-- THE DATA follows --
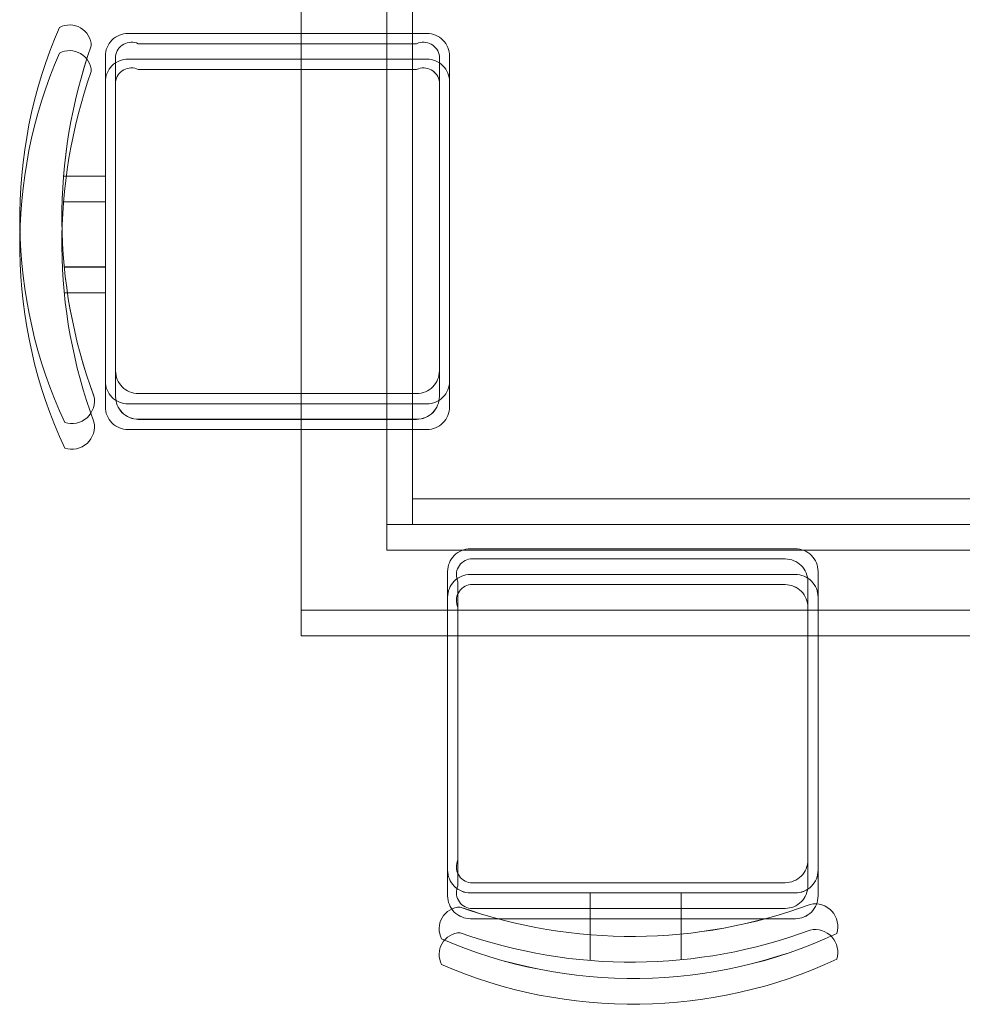
# Model space of a CAD drawing. Units: inches. Extents: x 1885 to 2748, y 783 to 2421.
# Tile 81 of 117: x 2129 to 2156, y 2066 to 2095. Entities that reach past the tile are written whole.
import ezdxf

# ---------------------------------------------------------------- set-up
doc = ezdxf.new("R2010")
doc.units = ezdxf.units.IN
doc.layers.add('A-FURN', color=8, linetype='Continuous', lineweight=13)

# ---------------------------------------------------------------- blocks, each defined once
blk = doc.blocks.new('TABLE-DINING-RECT')
for points in [[(-0.004, 23.421), (37.776, 23.421), (37.776, 0.754), (-0.004, 0.754)], [(-0.004, 23.421), (37.776, 23.421), (37.776, 0.753), (-0.004, 0.753)], [(-0.004, 22.666), (37.776, 22.666), (37.776, -0.002), (-0.004, -0.002)], [(-0.004, 22.665), (37.776, 22.665), (37.776, -0.002), (-0.004, -0.002)], [(2.515, 20.903), (35.257, 20.903), (35.257, 3.272), (2.515, 3.272)], [(2.515, 20.902), (35.257, 20.902), (35.257, 3.272), (2.515, 3.272)], [(2.515, 20.147), (35.257, 20.147), (35.257, 2.517), (2.515, 2.517)], [(2.515, 20.147), (35.257, 20.147), (35.257, 2.516), (2.515, 2.516)], [(3.27, 20.147), (34.501, 20.147), (34.501, 4.028), (3.27, 4.028)], [(3.27, 20.147), (34.501, 20.147), (34.501, 4.027), (3.27, 4.027)], [(3.27, 19.391), (34.501, 19.391), (34.501, 3.272), (3.27, 3.272)], [(3.27, 19.391), (34.501, 19.391), (34.501, 3.272), (3.27, 3.272)]]:
    blk.add_lwpolyline(points, close=True)

msp = doc.modelspace()

# ---------------------------------------------------------------- linework, layer by layer
at = {"layer": 'A-FURN'}
for points in [[(2130.918, 2084.243, -0.578392), (2130.06, 2083.463, -0.214524), (2129.905, 2095.078, -0.552014), (2130.84, 2094.533, 0.175809), (2130.918, 2084.243)], [(2130.918, 2084.242, -0.578392), (2130.06, 2083.463, -0.214524), (2129.905, 2095.078, -0.552014), (2130.84, 2094.532, 0.175809), (2130.918, 2084.242)], [(2131.253, 2094.232, -0.414214), (2131.921, 2094.901), (2140.705, 2094.901, -0.414214), (2141.373, 2094.232), (2141.373, 2084.679, -0.414214), (2140.705, 2084.011), (2131.921, 2084.011, -0.414214), (2131.253, 2084.679), (2131.253, 2094.232)], [(2131.253, 2094.232, -0.414214), (2131.921, 2094.9), (2140.705, 2094.9, -0.414214), (2141.373, 2094.232), (2141.373, 2084.679, -0.414214), (2140.705, 2084.011), (2131.921, 2084.011, -0.414214), (2131.253, 2084.679), (2131.253, 2094.232)], [(2130.918, 2083.487, -0.578392), (2130.06, 2082.708, -0.214524), (2129.905, 2094.323, -0.552014), (2130.84, 2093.777, 0.175809), (2130.918, 2083.487)], [(2130.918, 2083.487, -0.578392), (2130.06, 2082.707, -0.214524), (2129.905, 2094.323, -0.552014), (2130.84, 2093.777, 0.175809), (2130.918, 2083.487)], [(2131.253, 2093.477, -0.414214), (2131.921, 2094.145), (2140.705, 2094.145, -0.414214), (2141.373, 2093.477), (2141.373, 2083.924, -0.414214), (2140.705, 2083.255), (2131.921, 2083.255, -0.414214), (2131.253, 2083.924), (2131.253, 2093.477)], [(2131.253, 2093.476, -0.414214), (2131.921, 2094.145), (2140.705, 2094.145, -0.414214), (2141.373, 2093.476), (2141.373, 2083.923, -0.414214), (2140.705, 2083.255), (2131.921, 2083.255, -0.414214), (2131.253, 2083.923), (2131.253, 2093.476)], [(2131.253, 2088.035), (2130.045, 2088.035, 0.064759)], [(2131.253, 2088.034), (2130.045, 2088.034, 0.064759)], [(2131.253, 2087.279), (2130.045, 2087.279, 0.064759)], [(2131.253, 2087.279), (2130.045, 2087.279, 0.064759)], [(2151.536, 2069.633), (2141.984, 2069.633, -0.414214), (2141.315, 2070.301), (2141.315, 2079.085, -0.414214), (2141.984, 2079.753), (2151.536, 2079.753, -0.414214), (2152.205, 2079.085), (2152.205, 2070.301, -0.414214), (2151.536, 2069.633)], [(2151.536, 2069.632), (2141.984, 2069.632, -0.414214), (2141.315, 2070.301), (2141.315, 2079.085, -0.414214), (2141.984, 2079.753), (2151.536, 2079.753, -0.414214), (2152.205, 2079.085), (2152.205, 2070.301, -0.414214), (2151.536, 2069.632)], [(2151.536, 2068.877), (2141.984, 2068.877, -0.414214), (2141.315, 2069.546), (2141.315, 2078.329, -0.414214), (2141.984, 2078.998), (2151.536, 2078.998, -0.414214), (2152.205, 2078.329), (2152.205, 2069.546, -0.414214), (2151.536, 2068.877)], [(2151.536, 2068.877), (2141.984, 2068.877, -0.414214), (2141.315, 2069.545), (2141.315, 2078.329, -0.414214), (2141.984, 2078.997), (2151.536, 2078.997, -0.414214), (2152.205, 2078.329), (2152.205, 2069.545, -0.414214), (2151.536, 2068.877)], [(2148.181, 2069.633), (2148.181, 2068.425, 0.064759)], [(2148.181, 2069.632), (2148.181, 2068.424, 0.064759)], [(2151.973, 2069.298, -0.578392), (2152.753, 2068.441, -0.214524), (2141.137, 2068.285, -0.552014), (2141.683, 2069.22, 0.175809), (2151.973, 2069.298)], [(2151.973, 2069.297, -0.578392), (2152.753, 2068.44, -0.214524), (2141.137, 2068.284, -0.552014), (2141.683, 2069.219, 0.175809), (2151.973, 2069.297)], [(2148.181, 2068.877), (2148.181, 2067.669, 0.064759)], [(2148.181, 2068.877), (2148.181, 2067.669, 0.064759)], [(2151.973, 2068.542, -0.578392), (2152.753, 2067.685, -0.214524), (2141.137, 2067.529, -0.552014), (2141.683, 2068.464, 0.175809), (2151.973, 2068.542)], [(2151.973, 2068.542, -0.578392), (2152.753, 2067.685, -0.214524), (2141.137, 2067.529, -0.552014), (2141.683, 2068.464, 0.175809), (2151.973, 2068.542)]]:
    msp.add_lwpolyline(points, format="xyb", dxfattribs=at)
for points in [[(2131.554, 2094.228), (2131.554, 2084.98, 0.414214), (2132.222, 2084.312), (2140.404, 2084.312, 0.414214), (2141.072, 2084.98), (2141.072, 2094.228, 0.512069), (2140.404, 2094.599), (2132.222, 2094.599, 0.512069)], [(2131.554, 2094.228), (2131.554, 2084.98, 0.414214), (2132.222, 2084.312), (2140.404, 2084.312, 0.414214), (2141.072, 2084.98), (2141.072, 2094.228, 0.512069), (2140.404, 2094.599), (2132.222, 2094.599, 0.512069)], [(2131.554, 2093.473), (2131.554, 2084.225, 0.414214), (2132.222, 2083.557), (2140.404, 2083.557, 0.414214), (2141.072, 2084.225), (2141.072, 2093.473, 0.512069), (2140.404, 2093.844), (2132.222, 2093.844, 0.512069)], [(2131.554, 2093.472), (2131.554, 2084.224, 0.414214), (2132.222, 2083.556), (2140.404, 2083.556, 0.414214), (2141.072, 2084.224), (2141.072, 2093.472, 0.512069), (2140.404, 2093.844), (2132.222, 2093.844, 0.512069)], [(2141.988, 2069.934), (2151.235, 2069.934, 0.414214), (2151.904, 2070.602), (2151.904, 2078.784, 0.414214), (2151.235, 2079.452), (2141.988, 2079.452, 0.512069), (2141.616, 2078.784), (2141.616, 2070.602, 0.512069)], [(2141.988, 2069.934), (2151.235, 2069.934, 0.414214), (2151.904, 2070.602), (2151.904, 2078.783, 0.414214), (2151.235, 2079.452), (2141.988, 2079.452, 0.512069), (2141.616, 2078.783), (2141.616, 2070.602, 0.512069)], [(2141.988, 2069.178), (2151.235, 2069.178, 0.414214), (2151.904, 2069.847), (2151.904, 2078.028, 0.414214), (2151.235, 2078.697), (2141.988, 2078.697, 0.512069), (2141.616, 2078.028), (2141.616, 2069.847, 0.512069)], [(2141.988, 2069.178), (2151.235, 2069.178, 0.414214), (2151.904, 2069.846), (2151.904, 2078.028, 0.414214), (2151.235, 2078.696), (2141.988, 2078.696, 0.512069), (2141.616, 2078.028), (2141.616, 2069.846, 0.512069)]]:
    msp.add_lwpolyline(points, format="xyb", close=True, dxfattribs=at)
for points in [[(2130.023, 2090.709), (2131.253, 2090.709)], [(2130.023, 2090.708), (2131.253, 2090.708)], [(2130.023, 2089.953), (2131.253, 2089.953)], [(2130.023, 2089.953), (2131.253, 2089.953)], [(2145.507, 2068.403), (2145.507, 2069.633)], [(2145.507, 2068.402), (2145.507, 2069.632)], [(2145.507, 2067.647), (2145.507, 2068.877)], [(2145.507, 2067.647), (2145.507, 2068.877)]]:
    msp.add_lwpolyline(points, dxfattribs=at)

# ---------------------------------------------------------------- block references
msp.add_blockref('TABLE-DINING-RECT', (2137.014, 2077.19), dxfattribs=at)

doc.saveas('drawing.dxf')
-- THE DATA concluded --
__EXERCISE OBJECTIVE__
Bring together all lines in the records where the word "FURN" is found.

__RESULT__
doc.layers.add('A-FURN', color=8, linetype='Continuous', lineweight=13)
at = {"layer": 'A-FURN'}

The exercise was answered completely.